### PROVIDED DATA
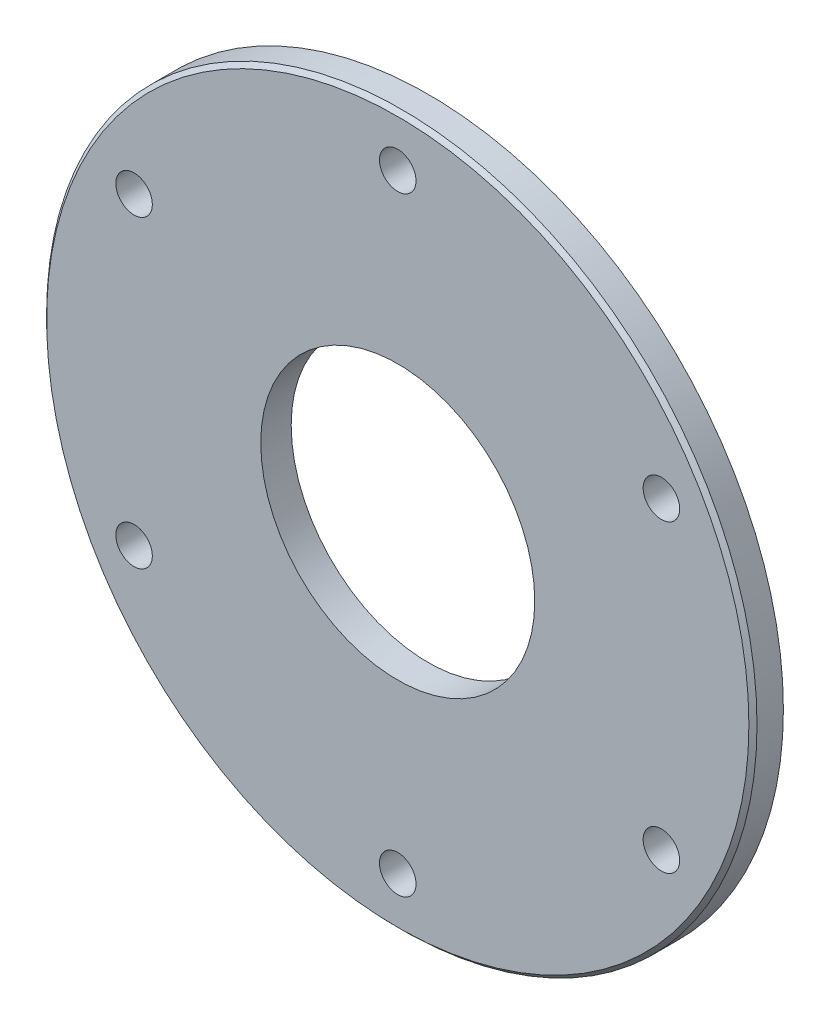
from build123d import *

# Parameters (mm, degrees)
SKETCH1_R           = 125
SKETCH1_R_2         = 110
BOSS_EXTRUDE1_DEPTH = 18
SKETCH2_R           = 175
SKETCH2_R_2         = 9
BOSS_EXTRUDE2_DEPTH = 15
CHAMFER1_SIZE       = 2
SKETCH3_R           = 67.5
CUT_EXTRUDE1_DEPTH  = 250.677792364


with BuildPart() as part:
    # Sketch1 → Boss-Extrude1 (new body)
    with BuildSketch(Plane.XY):
        with Locations(Location((0, 0, 0), (0, 0, 180))):
            Circle(SKETCH1_R)
        with Locations(Location((0, 0, 0), (0, 0, 180))):
            Circle(SKETCH1_R_2, mode=Mode.SUBTRACT)
    extrude(amount=BOSS_EXTRUDE1_DEPTH)

    # Sketch2 → Boss-Extrude2 (add)
    with BuildSketch(Plane.XY.offset(18)):
        Circle(SKETCH2_R)
        with Locations((0, 150)):
            Circle(SKETCH2_R_2, mode=Mode.SUBTRACT)
        with Locations((-129.903810568, 75)):
            Circle(SKETCH2_R_2, mode=Mode.SUBTRACT)
        with Locations((-129.903810568, -75)):
            Circle(SKETCH2_R_2, mode=Mode.SUBTRACT)
        with Locations((0, -150)):
            Circle(SKETCH2_R_2, mode=Mode.SUBTRACT)
        with Locations((129.903810568, -75)):
            Circle(SKETCH2_R_2, mode=Mode.SUBTRACT)
        with Locations((129.903810568, 75)):
            Circle(SKETCH2_R_2, mode=Mode.SUBTRACT)
    extrude(amount=BOSS_EXTRUDE2_DEPTH)

    # Chamfer1
    chamfer1_edges = [part.edges().sort_by_distance(p)[0] for p in [
        (-175, 0, 33),
    ]]
    chamfer(chamfer1_edges, length=CHAMFER1_SIZE)

    # Sketch3 → Cut-Extrude1 (cut, through all)
    with BuildSketch(Plane.XY.offset(33)):
        Circle(SKETCH3_R)
    extrude(amount=-CUT_EXTRUDE1_DEPTH, mode=Mode.SUBTRACT)


solid = part.part

### TASK REQUIREMENTS
Please return every line in the data that includes the string "Plane".

### SOLVED EXERCISE
    with BuildSketch(Plane.XY):
    with BuildSketch(Plane.XY.offset(18)):
    with BuildSketch(Plane.XY.offset(33)):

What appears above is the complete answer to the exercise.